(Data records Opens)
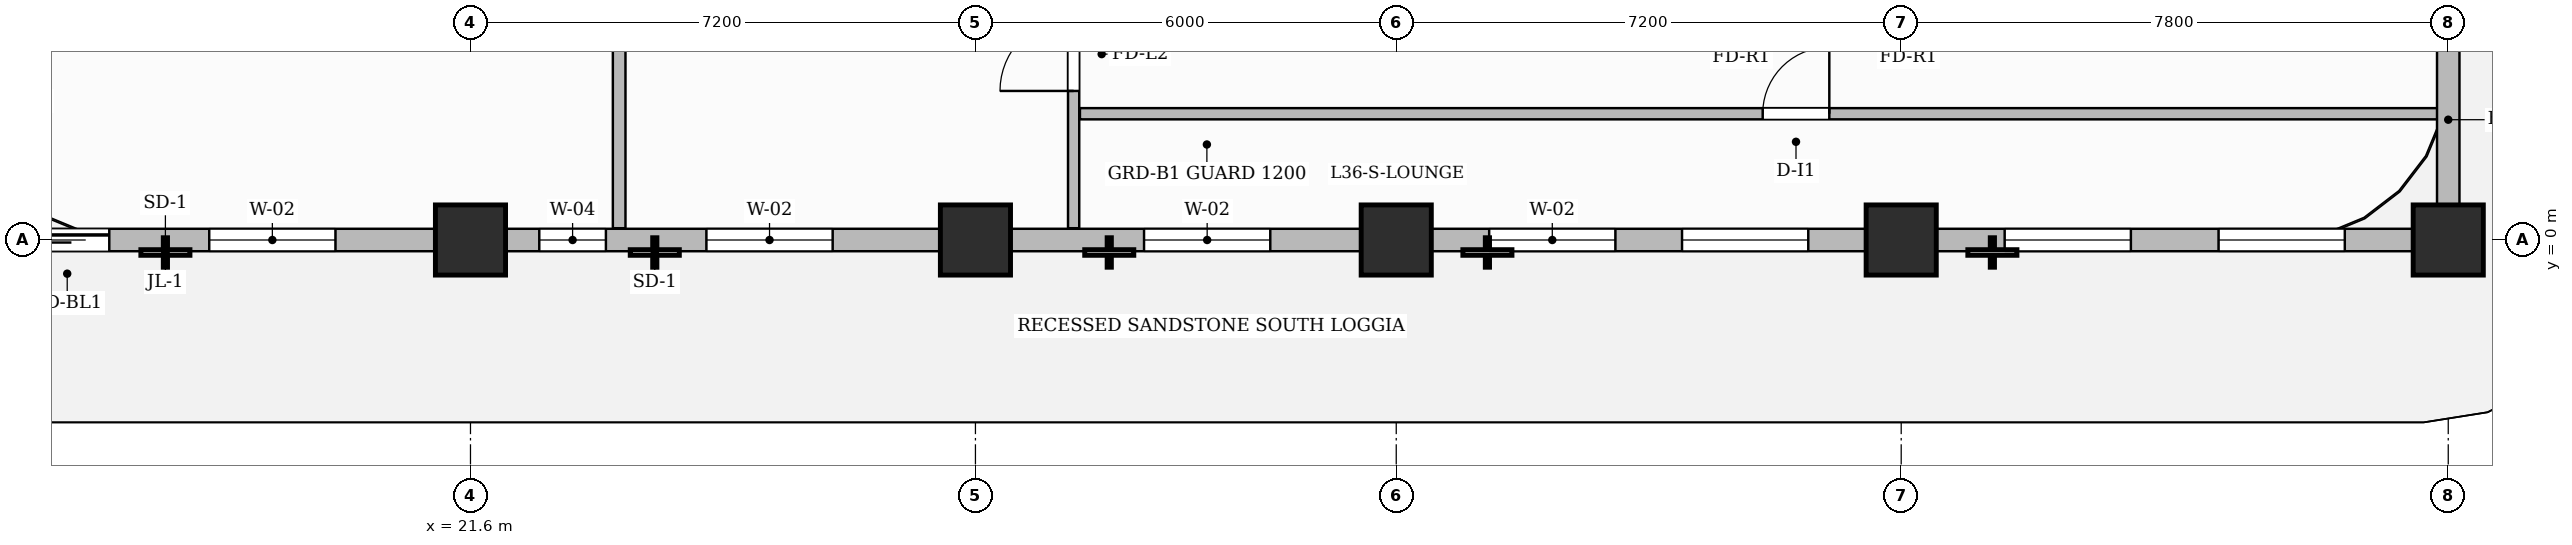
"""IFC4 building model, lengths in metres.
Left out: names, types, materials, properties, quantities, classifications, styles, units other than length and angle.
Written with IfcOpenShell. Run it as: python <this file> out.ifc"""

import sys

from ifc_helpers import new_model, si_unit, direction, frame, frame_2d, origin, origin_2d, place, context, subcontext, project, spatial, rectangle, extrude, source, transform, mapped, element, fill, save


model = new_model("IFC4")
c1 = context("Model", 3, precision=1e-05, world=origin(), true_north=direction((0.0, 1.0)))
c2 = subcontext(c1, "Body", "Model", "MODEL_VIEW")
j1 = project(units=[si_unit("LENGTHUNIT", "METRE"), si_unit("PLANEANGLEUNIT", "RADIAN")], contexts=[c1])
p1 = place(None, origin())
s1 = spatial("IfcSite", under=j1, at=p1, CompositionType="ELEMENT")
p2 = place(p1, origin())
s2 = spatial("IfcBuilding", under=s1, at=p2, CompositionType="ELEMENT")
p3 = place(p2, frame((0.0, 0.0, 145.1)))
s3 = spatial("IfcBuildingStorey", under=s2, at=p3, CompositionType="ELEMENT", Elevation=145.1)
m1 = source(origin(), c2, "Body", "SweptSolid", [
    extrude(rectangle(XDim=1.0, YDim=1.0, at=origin_2d()), origin(), (0.0, 0.0, 1.0), 5.2),
])
for number, where, z_axis, x_axis in (
    (1, (21.6, 0.0, 0.0), (0.0, 0.0, 1.0), (1.0, 0.0, 0.0)),
    (2, (28.8, 0.0, 0.0), (0.0, 0.0, 1.0), (1.0, 0.0, 0.0)),
    (3, (34.8, 0.0, 0.0), (0.0, 0.0, 1.0), (1.0, 0.0, 0.0)),
    (4, (42.0, 0.0, 0.0), (0.0, 0.0, 1.0), (1.0, 0.0, 0.0)),
    (5, (49.8, 0.0, 0.0), (0.0, 0.0, 1.0), (1.0, 0.0, 0.0)),
):
    element("IfcColumn", number, at=place(p3, frame(where, z_axis=z_axis, x_axis=x_axis)), inside=s3, PredefinedType="COLUMN", context=c2, shape_type="MappedRepresentation", body=[
        mapped(m1, transform((0.0, 0.0, 0.0), scale=1.0)),
    ])
p4 = place(p3, frame((30.2, 0.168, 0.0), z_axis=(0.0, 0.0, 1.0), x_axis=(0.0, 1.0, 0.0)))
e6 = element("IfcWall", 6, at=p4, inside=s3, PredefinedType="PARTITIONING", context=c2, shape_type="SweptSolid", body=[
    extrude(rectangle(XDim=9.092, YDim=0.16, at=frame_2d((4.546, 0.0))), origin(), (0.0, 0.0, 1.0), 4.95),
])
p5 = place(p4, frame((1.957, 0.0, 0.0)))
e7 = element("IfcOpeningElement", 7, at=p5, cuts=e6, PredefinedType="OPENING", context=c2, shape_type="SweptSolid", body=[
    extrude(rectangle(XDim=1.05, YDim=2.15, at=frame_2d((0.525, 1.075))), frame((0.0, 0.09, 0.0), z_axis=(0.0, -1.0, 0.0), x_axis=(1.0, 0.0, 0.0)), (0.0, 0.0, 1.0), 0.18),
])
p6 = place(p3, frame((30.29, 1.8, 0.0), z_axis=(0.0, 0.0, 1.0), x_axis=(1.0, 0.0, 0.0)))
e8 = element("IfcWall", 8, at=p6, inside=s3, PredefinedType="PARTITIONING", context=c2, shape_type="SweptSolid", body=[
    extrude(rectangle(XDim=19.37, YDim=0.16, at=frame_2d((9.685, 0.0))), origin(), (0.0, 0.0, 1.0), 4.95),
])
p7 = place(p6, frame((9.735, 0.0, 0.0)))
e9 = element("IfcOpeningElement", 9, at=p7, cuts=e8, PredefinedType="OPENING", context=c2, shape_type="SweptSolid", body=[
    extrude(rectangle(XDim=0.95, YDim=2.15, at=frame_2d((0.475, 1.075))), frame((0.0, 0.09, 0.0), z_axis=(0.0, -1.0, 0.0), x_axis=(1.0, 0.0, 0.0)), (0.0, 0.0, 1.0), 0.18),
])
p8 = place(p3, frame((23.72, 0.168, 0.0), z_axis=(0.0, 0.0, 1.0), x_axis=(0.0, 1.0, 0.0)))
e10 = element("IfcWall", 10, at=p8, inside=s3, PredefinedType="PARTITIONING", context=c2, shape_type="SweptSolid", body=[
    extrude(rectangle(XDim=9.092, YDim=0.18, at=frame_2d((4.546, 0.0))), origin(), (0.0, 0.0, 1.0), 4.95),
])
p9 = place(p3, frame((14.4, 0.0, 0.0), z_axis=(0.0, 0.0, 1.0), x_axis=(1.0, 0.0, 0.0)))
e11 = element("IfcWall", 11, at=p9, inside=s3, PredefinedType="SOLIDWALL", context=c2, shape_type="SweptSolid", body=[
    extrude(rectangle(XDim=35.4, YDim=0.32, at=frame_2d((17.7, 0.0))), origin(), (0.0, 0.0, 1.0), 4.335),
])
p10 = place(p9, frame((0.85, 0.0, 0.0)))
e12 = element("IfcOpeningElement", 12, at=p10, cuts=e11, PredefinedType="OPENING", context=c2, shape_type="SweptSolid", body=[
    extrude(rectangle(XDim=1.2, YDim=2.2, at=frame_2d((0.6, 1.1))), frame((0.0, 0.17, 0.0), z_axis=(0.0, -1.0, 0.0), x_axis=(1.0, 0.0, 0.0)), (0.0, 0.0, 1.0), 0.34),
])
p11 = place(p9, frame((3.475, 0.0, 0.8)))
e13 = element("IfcOpeningElement", 13, at=p11, cuts=e11, PredefinedType="OPENING", context=c2, shape_type="SweptSolid", body=[
    extrude(rectangle(XDim=1.8, YDim=1.85, at=frame_2d((0.9, 0.925))), frame((0.0, 0.17, 0.0), z_axis=(0.0, -1.0, 0.0), x_axis=(1.0, 0.0, 0.0)), (0.0, 0.0, 1.0), 0.34),
])
p12 = place(p9, frame((8.181, 0.0, 0.8)))
e14 = element("IfcOpeningElement", 14, at=p12, cuts=e11, PredefinedType="OPENING", context=c2, shape_type="SweptSolid", body=[
    extrude(rectangle(XDim=0.95, YDim=1.75, at=frame_2d((0.475, 0.875))), frame((0.0, 0.17, 0.0), z_axis=(0.0, -1.0, 0.0), x_axis=(1.0, 0.0, 0.0)), (0.0, 0.0, 1.0), 0.34),
])
p13 = place(p9, frame((10.564, 0.0, 0.8)))
e15 = element("IfcOpeningElement", 15, at=p13, cuts=e11, PredefinedType="OPENING", context=c2, shape_type="SweptSolid", body=[
    extrude(rectangle(XDim=1.8, YDim=1.85, at=frame_2d((0.9, 0.925))), frame((0.0, 0.17, 0.0), z_axis=(0.0, -1.0, 0.0), x_axis=(1.0, 0.0, 0.0)), (0.0, 0.0, 1.0), 0.34),
])
p14 = place(p9, frame((16.804, 0.0, 0.8)))
e16 = element("IfcOpeningElement", 16, at=p14, cuts=e11, PredefinedType="OPENING", context=c2, shape_type="SweptSolid", body=[
    extrude(rectangle(XDim=1.8, YDim=1.85, at=frame_2d((0.9, 0.925))), frame((0.0, 0.17, 0.0), z_axis=(0.0, -1.0, 0.0), x_axis=(1.0, 0.0, 0.0)), (0.0, 0.0, 1.0), 0.34),
])
p15 = place(p9, frame((21.725, 0.0, 0.8)))
e17 = element("IfcOpeningElement", 17, at=p15, cuts=e11, PredefinedType="OPENING", context=c2, shape_type="SweptSolid", body=[
    extrude(rectangle(XDim=1.8, YDim=1.85, at=frame_2d((0.9, 0.925))), frame((0.0, 0.17, 0.0), z_axis=(0.0, -1.0, 0.0), x_axis=(1.0, 0.0, 0.0)), (0.0, 0.0, 1.0), 0.34),
])
p16 = place(p9, frame((24.475, 0.0, 0.8)))
e18 = element("IfcOpeningElement", 18, at=p16, cuts=e11, PredefinedType="OPENING", context=c2, shape_type="SweptSolid", body=[
    extrude(rectangle(XDim=1.8, YDim=1.85, at=frame_2d((0.9, 0.925))), frame((0.0, 0.17, 0.0), z_axis=(0.0, -1.0, 0.0), x_axis=(1.0, 0.0, 0.0)), (0.0, 0.0, 1.0), 0.34),
])
p17 = place(p9, frame((29.075, 0.0, 0.8)))
e19 = element("IfcOpeningElement", 19, at=p17, cuts=e11, PredefinedType="OPENING", context=c2, shape_type="SweptSolid", body=[
    extrude(rectangle(XDim=1.8, YDim=1.85, at=frame_2d((0.9, 0.925))), frame((0.0, 0.17, 0.0), z_axis=(0.0, -1.0, 0.0), x_axis=(1.0, 0.0, 0.0)), (0.0, 0.0, 1.0), 0.34),
])
p18 = place(p9, frame((32.125, 0.0, 0.8)))
e20 = element("IfcOpeningElement", 20, at=p18, cuts=e11, PredefinedType="OPENING", context=c2, shape_type="SweptSolid", body=[
    extrude(rectangle(XDim=1.8, YDim=1.85, at=frame_2d((0.9, 0.925))), frame((0.0, 0.17, 0.0), z_axis=(0.0, -1.0, 0.0), x_axis=(1.0, 0.0, 0.0)), (0.0, 0.0, 1.0), 0.34),
])
p19 = place(p3, frame((49.8, 0.05, 0.0), z_axis=(0.0, 0.0, 1.0), x_axis=(0.0, 1.0, 0.0)))
e21 = element("IfcWall", 21, at=p19, inside=s3, PredefinedType="SOLIDWALL", context=c2, shape_type="SweptSolid", body=[
    extrude(rectangle(XDim=3.33, YDim=0.32, at=frame_2d((1.665, 0.0))), origin(), (0.0, 0.0, 1.0), 4.95),
])
m2 = source(origin(), c2, "Body", "SweptSolid", [
    extrude(rectangle(XDim=1.05, YDim=2.15, at=frame_2d((0.525, 1.075))), frame((0.0, 0.025, 0.0), z_axis=(0.0, -1.0, 0.0), x_axis=(1.0, 0.0, 0.0)), (0.0, 0.0, 1.0), 0.05),
])
p20 = place(p5, origin())
e22 = element("IfcDoor", 22, at=p20, inside=s3, OperationType="SINGLE_SWING_LEFT", PredefinedType="DOOR", context=c2, shape_type="MappedRepresentation", body=[
    mapped(m2, transform((0.0, 0.0, 0.0), scale=1.0)),
])
fill(e7, e22)
m3 = source(origin(), c2, "Body", "SweptSolid", [
    extrude(rectangle(XDim=0.95, YDim=2.15, at=frame_2d((0.475, 1.075))), frame((0.0, 0.025, 0.0), z_axis=(0.0, -1.0, 0.0), x_axis=(1.0, 0.0, 0.0)), (0.0, 0.0, 1.0), 0.05),
])
p21 = place(p7, origin())
e23 = element("IfcDoor", 23, at=p21, inside=s3, OperationType="SINGLE_SWING_RIGHT", PredefinedType="DOOR", context=c2, shape_type="MappedRepresentation", body=[
    mapped(m3, transform((0.0, 0.0, 0.0), scale=1.0)),
])
fill(e9, e23)
m4 = source(origin(), c2, "Body", "SweptSolid", [
    extrude(rectangle(XDim=1.2, YDim=2.2, at=frame_2d((0.6, 1.1))), frame((0.0, 0.025, 0.0), z_axis=(0.0, -1.0, 0.0), x_axis=(1.0, 0.0, 0.0)), (0.0, 0.0, 1.0), 0.05),
])
p22 = place(p10, origin())
e24 = element("IfcDoor", 24, at=p22, inside=s3, OperationType="SLIDING_TO_LEFT", PredefinedType="DOOR", context=c2, shape_type="MappedRepresentation", body=[
    mapped(m4, transform((0.0, 0.0, 0.0), scale=1.0)),
])
fill(e12, e24)
m5 = source(origin(), c2, "Body", "SweptSolid", [
    extrude(rectangle(XDim=1.8, YDim=1.85, at=frame_2d((0.9, 0.925))), frame((0.0, 0.03, 0.0), z_axis=(0.0, -1.0, 0.0), x_axis=(1.0, 0.0, 0.0)), (0.0, 0.0, 1.0), 0.06),
])
p23 = place(p11, origin())
e25 = element("IfcWindow", 25, at=p23, inside=s3, PartitioningType="DOUBLE_PANEL_VERTICAL", PredefinedType="WINDOW", context=c2, shape_type="MappedRepresentation", body=[
    mapped(m5, transform((0.0, 0.0, 0.0), scale=1.0)),
])
fill(e13, e25)
m6 = source(origin(), c2, "Body", "SweptSolid", [
    extrude(rectangle(XDim=0.95, YDim=1.75, at=frame_2d((0.475, 0.875))), frame((0.0, 0.03, 0.0), z_axis=(0.0, -1.0, 0.0), x_axis=(1.0, 0.0, 0.0)), (0.0, 0.0, 1.0), 0.06),
])
p24 = place(p12, origin())
e26 = element("IfcWindow", 26, at=p24, inside=s3, PartitioningType="SINGLE_PANEL", PredefinedType="WINDOW", context=c2, shape_type="MappedRepresentation", body=[
    mapped(m6, transform((0.0, 0.0, 0.0), scale=1.0)),
])
fill(e14, e26)
p25 = place(p13, origin())
e27 = element("IfcWindow", 27, at=p25, inside=s3, PartitioningType="DOUBLE_PANEL_VERTICAL", PredefinedType="WINDOW", context=c2, shape_type="MappedRepresentation", body=[
    mapped(m5, transform((0.0, 0.0, 0.0), scale=1.0)),
])
fill(e15, e27)
p26 = place(p14, origin())
e28 = element("IfcWindow", 28, at=p26, inside=s3, PartitioningType="DOUBLE_PANEL_VERTICAL", PredefinedType="WINDOW", context=c2, shape_type="MappedRepresentation", body=[
    mapped(m5, transform((0.0, 0.0, 0.0), scale=1.0)),
])
fill(e16, e28)
p27 = place(p15, origin())
e29 = element("IfcWindow", 29, at=p27, inside=s3, PartitioningType="DOUBLE_PANEL_VERTICAL", PredefinedType="WINDOW", context=c2, shape_type="MappedRepresentation", body=[
    mapped(m5, transform((0.0, 0.0, 0.0), scale=1.0)),
])
fill(e17, e29)
p28 = place(p16, origin())
e30 = element("IfcWindow", 30, at=p28, inside=s3, PartitioningType="DOUBLE_PANEL_VERTICAL", PredefinedType="WINDOW", context=c2, shape_type="MappedRepresentation", body=[
    mapped(m5, transform((0.0, 0.0, 0.0), scale=1.0)),
])
fill(e18, e30)
p29 = place(p17, origin())
e31 = element("IfcWindow", 31, at=p29, inside=s3, PartitioningType="DOUBLE_PANEL_VERTICAL", PredefinedType="WINDOW", context=c2, shape_type="MappedRepresentation", body=[
    mapped(m5, transform((0.0, 0.0, 0.0), scale=1.0)),
])
fill(e19, e31)
p30 = place(p18, origin())
e32 = element("IfcWindow", 32, at=p30, inside=s3, PartitioningType="DOUBLE_PANEL_VERTICAL", PredefinedType="WINDOW", context=c2, shape_type="MappedRepresentation", body=[
    mapped(m5, transform((0.0, 0.0, 0.0), scale=1.0)),
])
fill(e20, e32)
save(model, sys.argv[1])
(Data records Closes)
*Problem description:* Please show every line above that includes the word "IfcWall".

*Output:*
e6 = element("IfcWall", 6, at=p4, inside=s3, PredefinedType="PARTITIONING", context=c2, shape_type="SweptSolid", body=[
e8 = element("IfcWall", 8, at=p6, inside=s3, PredefinedType="PARTITIONING", context=c2, shape_type="SweptSolid", body=[
e10 = element("IfcWall", 10, at=p8, inside=s3, PredefinedType="PARTITIONING", context=c2, shape_type="SweptSolid", body=[
e11 = element("IfcWall", 11, at=p9, inside=s3, PredefinedType="SOLIDWALL", context=c2, shape_type="SweptSolid", body=[
e21 = element("IfcWall", 21, at=p19, inside=s3, PredefinedType="SOLIDWALL", context=c2, shape_type="SweptSolid", body=[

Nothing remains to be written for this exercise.